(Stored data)
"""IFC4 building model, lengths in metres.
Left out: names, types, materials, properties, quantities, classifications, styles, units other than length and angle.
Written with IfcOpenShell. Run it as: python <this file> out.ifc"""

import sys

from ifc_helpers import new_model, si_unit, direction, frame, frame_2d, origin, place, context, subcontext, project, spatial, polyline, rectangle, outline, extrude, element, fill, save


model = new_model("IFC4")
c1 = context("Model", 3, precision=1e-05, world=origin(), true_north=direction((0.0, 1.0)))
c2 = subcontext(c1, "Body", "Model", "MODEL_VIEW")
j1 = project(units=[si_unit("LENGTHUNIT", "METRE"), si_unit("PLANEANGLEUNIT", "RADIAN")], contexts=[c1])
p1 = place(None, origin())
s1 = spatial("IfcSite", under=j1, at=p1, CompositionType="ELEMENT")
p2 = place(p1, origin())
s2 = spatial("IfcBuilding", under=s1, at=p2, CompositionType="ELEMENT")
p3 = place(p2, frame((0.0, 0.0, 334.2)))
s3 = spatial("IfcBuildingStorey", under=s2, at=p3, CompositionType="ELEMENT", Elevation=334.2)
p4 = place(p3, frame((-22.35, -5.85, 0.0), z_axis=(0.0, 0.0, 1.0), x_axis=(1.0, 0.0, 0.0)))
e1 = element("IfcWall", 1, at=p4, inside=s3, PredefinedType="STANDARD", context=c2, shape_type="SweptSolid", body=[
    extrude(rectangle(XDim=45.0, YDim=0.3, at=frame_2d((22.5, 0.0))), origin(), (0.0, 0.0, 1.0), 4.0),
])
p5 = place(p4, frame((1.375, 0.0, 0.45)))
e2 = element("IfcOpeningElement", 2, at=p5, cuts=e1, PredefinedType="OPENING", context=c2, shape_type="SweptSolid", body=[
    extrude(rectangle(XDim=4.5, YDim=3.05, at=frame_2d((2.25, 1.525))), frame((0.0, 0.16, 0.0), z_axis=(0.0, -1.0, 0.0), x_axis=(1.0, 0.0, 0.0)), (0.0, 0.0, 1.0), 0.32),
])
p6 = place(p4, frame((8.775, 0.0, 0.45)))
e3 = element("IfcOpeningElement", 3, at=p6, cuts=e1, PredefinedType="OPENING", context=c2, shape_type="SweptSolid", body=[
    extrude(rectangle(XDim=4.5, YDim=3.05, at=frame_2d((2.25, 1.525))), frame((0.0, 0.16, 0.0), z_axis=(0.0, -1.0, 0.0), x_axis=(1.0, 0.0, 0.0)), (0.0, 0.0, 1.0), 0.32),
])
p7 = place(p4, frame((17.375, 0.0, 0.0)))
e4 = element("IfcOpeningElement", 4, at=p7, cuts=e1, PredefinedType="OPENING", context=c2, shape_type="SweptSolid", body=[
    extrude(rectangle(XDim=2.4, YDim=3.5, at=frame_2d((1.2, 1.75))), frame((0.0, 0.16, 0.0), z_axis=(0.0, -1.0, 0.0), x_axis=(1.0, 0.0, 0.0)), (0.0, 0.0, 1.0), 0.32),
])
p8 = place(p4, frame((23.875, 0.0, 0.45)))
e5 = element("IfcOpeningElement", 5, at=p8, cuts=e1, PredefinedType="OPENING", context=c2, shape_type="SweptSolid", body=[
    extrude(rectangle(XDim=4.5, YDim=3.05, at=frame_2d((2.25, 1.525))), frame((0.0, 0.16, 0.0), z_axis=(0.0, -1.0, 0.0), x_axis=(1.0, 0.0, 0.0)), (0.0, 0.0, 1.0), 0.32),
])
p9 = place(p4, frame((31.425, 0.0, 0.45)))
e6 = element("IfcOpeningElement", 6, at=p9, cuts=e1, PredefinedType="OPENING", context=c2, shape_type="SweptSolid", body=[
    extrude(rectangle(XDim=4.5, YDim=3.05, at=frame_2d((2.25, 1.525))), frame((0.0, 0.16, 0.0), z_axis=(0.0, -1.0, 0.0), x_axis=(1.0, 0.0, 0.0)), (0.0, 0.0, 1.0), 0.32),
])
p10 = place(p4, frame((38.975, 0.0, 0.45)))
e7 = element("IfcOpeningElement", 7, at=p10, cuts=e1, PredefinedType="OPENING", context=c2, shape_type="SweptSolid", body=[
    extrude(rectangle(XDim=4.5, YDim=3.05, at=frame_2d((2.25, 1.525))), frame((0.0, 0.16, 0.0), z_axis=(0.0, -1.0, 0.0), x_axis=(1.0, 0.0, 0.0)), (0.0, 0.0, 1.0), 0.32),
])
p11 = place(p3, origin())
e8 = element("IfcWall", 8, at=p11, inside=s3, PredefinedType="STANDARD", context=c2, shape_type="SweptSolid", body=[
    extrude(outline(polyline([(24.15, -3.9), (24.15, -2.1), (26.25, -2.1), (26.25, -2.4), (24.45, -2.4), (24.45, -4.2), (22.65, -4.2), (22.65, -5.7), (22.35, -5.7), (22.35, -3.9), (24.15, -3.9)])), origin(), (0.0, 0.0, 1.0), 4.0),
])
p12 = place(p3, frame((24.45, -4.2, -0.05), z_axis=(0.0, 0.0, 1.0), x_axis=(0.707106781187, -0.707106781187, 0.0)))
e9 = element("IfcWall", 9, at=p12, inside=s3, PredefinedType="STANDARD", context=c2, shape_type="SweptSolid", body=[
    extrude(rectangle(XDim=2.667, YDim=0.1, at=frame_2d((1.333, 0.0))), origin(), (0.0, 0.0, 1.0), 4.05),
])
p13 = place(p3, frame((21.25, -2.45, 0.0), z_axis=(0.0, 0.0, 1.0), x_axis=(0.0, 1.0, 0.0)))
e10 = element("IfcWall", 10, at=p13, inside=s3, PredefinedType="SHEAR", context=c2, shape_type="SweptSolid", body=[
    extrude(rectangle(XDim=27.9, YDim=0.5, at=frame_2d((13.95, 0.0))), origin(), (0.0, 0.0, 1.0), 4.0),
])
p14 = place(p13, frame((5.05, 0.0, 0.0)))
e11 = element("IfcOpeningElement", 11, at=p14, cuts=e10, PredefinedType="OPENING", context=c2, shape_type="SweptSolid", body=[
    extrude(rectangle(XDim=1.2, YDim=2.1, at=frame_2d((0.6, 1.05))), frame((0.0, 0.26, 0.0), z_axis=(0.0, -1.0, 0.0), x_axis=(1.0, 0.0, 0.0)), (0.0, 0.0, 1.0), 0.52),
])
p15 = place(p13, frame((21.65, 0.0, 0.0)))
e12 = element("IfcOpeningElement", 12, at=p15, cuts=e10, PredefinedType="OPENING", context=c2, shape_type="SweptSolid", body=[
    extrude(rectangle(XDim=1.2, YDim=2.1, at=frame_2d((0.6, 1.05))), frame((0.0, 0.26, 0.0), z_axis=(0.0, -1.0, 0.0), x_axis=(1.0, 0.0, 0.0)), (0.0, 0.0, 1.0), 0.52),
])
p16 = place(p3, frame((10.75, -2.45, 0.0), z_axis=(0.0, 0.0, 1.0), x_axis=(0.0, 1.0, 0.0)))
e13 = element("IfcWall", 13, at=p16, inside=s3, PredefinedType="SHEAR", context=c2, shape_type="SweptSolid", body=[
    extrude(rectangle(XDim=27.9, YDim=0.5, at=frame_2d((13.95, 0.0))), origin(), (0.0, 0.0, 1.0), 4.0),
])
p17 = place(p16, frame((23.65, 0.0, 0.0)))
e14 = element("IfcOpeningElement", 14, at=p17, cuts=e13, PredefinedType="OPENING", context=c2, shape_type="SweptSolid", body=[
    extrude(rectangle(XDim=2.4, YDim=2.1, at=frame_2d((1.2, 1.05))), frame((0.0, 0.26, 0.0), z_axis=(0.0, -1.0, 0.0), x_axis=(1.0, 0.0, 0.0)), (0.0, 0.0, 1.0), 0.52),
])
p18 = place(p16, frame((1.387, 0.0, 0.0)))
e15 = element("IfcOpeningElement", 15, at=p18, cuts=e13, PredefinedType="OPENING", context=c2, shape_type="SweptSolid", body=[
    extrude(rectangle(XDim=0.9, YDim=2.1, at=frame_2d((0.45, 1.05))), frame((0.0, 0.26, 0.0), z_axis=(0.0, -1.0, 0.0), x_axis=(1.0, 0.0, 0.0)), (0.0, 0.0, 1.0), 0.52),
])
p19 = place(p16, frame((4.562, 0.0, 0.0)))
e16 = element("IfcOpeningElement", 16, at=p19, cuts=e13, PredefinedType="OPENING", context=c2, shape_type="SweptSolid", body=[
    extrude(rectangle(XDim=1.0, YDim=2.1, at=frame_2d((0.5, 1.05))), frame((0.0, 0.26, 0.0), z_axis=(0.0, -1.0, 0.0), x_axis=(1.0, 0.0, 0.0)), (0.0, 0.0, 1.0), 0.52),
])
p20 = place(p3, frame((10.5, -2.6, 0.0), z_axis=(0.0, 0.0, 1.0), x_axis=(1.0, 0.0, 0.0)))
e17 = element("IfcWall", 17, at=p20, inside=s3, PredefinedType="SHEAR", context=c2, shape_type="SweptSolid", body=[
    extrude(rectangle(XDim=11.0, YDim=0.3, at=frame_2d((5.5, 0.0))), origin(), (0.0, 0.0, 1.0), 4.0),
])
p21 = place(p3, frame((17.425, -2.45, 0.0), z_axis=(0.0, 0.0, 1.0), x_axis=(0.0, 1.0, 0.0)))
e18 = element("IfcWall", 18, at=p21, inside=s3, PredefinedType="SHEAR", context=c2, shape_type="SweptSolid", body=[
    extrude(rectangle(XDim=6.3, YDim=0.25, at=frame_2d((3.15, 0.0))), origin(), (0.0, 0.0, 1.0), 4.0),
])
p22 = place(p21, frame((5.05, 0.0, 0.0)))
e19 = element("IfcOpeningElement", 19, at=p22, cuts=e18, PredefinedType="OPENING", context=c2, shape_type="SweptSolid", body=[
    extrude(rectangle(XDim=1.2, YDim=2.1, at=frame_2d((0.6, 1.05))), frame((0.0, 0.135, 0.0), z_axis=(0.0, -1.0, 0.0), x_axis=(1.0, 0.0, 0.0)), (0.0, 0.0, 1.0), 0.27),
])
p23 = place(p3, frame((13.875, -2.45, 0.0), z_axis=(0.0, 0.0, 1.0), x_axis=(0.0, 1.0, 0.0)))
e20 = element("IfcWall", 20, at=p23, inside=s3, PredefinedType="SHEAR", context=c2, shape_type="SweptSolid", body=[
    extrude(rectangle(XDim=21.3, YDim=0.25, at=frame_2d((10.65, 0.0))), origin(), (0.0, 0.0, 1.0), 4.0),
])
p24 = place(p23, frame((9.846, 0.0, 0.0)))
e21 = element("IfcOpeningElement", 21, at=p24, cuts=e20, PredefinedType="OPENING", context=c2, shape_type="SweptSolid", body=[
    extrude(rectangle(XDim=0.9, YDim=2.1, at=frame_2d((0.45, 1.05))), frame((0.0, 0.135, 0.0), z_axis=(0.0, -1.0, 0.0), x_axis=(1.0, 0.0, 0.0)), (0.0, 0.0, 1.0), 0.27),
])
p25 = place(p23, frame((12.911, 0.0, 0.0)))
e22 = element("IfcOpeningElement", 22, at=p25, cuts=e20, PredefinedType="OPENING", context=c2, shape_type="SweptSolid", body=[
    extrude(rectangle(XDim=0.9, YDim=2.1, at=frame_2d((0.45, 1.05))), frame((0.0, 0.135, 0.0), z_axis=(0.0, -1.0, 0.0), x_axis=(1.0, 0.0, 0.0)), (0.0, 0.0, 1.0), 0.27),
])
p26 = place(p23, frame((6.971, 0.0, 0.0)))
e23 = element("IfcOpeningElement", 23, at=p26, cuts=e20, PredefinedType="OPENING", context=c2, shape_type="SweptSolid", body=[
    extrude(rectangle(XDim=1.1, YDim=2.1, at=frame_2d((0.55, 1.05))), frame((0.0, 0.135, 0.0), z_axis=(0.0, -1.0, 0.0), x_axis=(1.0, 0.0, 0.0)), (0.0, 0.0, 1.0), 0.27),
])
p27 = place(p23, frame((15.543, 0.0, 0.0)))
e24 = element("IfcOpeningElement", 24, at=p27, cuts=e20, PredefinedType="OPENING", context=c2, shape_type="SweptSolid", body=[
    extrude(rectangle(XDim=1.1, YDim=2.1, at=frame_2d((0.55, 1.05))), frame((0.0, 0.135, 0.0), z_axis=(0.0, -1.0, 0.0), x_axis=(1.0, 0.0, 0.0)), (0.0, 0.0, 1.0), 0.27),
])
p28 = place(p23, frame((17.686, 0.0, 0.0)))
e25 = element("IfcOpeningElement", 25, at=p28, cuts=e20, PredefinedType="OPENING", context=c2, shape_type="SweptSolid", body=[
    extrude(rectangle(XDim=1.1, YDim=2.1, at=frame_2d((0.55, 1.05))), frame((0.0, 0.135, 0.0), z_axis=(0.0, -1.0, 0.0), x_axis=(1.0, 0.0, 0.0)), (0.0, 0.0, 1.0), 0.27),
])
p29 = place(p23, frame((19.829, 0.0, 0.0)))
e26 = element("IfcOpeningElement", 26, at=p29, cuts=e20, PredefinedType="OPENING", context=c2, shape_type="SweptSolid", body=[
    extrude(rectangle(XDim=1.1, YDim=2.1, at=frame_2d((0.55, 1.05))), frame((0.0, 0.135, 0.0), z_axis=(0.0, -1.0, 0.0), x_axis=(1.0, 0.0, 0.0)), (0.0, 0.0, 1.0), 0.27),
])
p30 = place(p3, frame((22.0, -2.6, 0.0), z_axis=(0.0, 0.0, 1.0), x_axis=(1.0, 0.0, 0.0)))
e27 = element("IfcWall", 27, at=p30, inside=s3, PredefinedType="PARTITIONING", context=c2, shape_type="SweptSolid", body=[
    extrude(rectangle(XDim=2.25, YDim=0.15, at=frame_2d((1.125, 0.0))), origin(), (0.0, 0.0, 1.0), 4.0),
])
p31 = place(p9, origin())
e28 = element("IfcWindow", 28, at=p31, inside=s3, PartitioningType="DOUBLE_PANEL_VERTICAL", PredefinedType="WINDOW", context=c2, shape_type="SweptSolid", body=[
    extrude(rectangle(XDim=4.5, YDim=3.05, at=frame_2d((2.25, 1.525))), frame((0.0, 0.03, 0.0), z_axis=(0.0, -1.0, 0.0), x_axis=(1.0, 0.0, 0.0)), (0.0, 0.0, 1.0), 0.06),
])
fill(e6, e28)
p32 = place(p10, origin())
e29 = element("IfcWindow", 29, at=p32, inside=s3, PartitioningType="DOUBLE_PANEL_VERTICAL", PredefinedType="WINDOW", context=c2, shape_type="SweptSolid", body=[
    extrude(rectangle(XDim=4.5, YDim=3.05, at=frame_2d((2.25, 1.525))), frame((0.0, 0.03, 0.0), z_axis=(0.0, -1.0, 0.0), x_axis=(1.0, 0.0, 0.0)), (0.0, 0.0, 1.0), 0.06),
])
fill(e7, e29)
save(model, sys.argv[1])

--- What you are asked to do ---
Across all the entries above, count each line that has the word "under" in it, and give only the count.

--- Written answer ---
3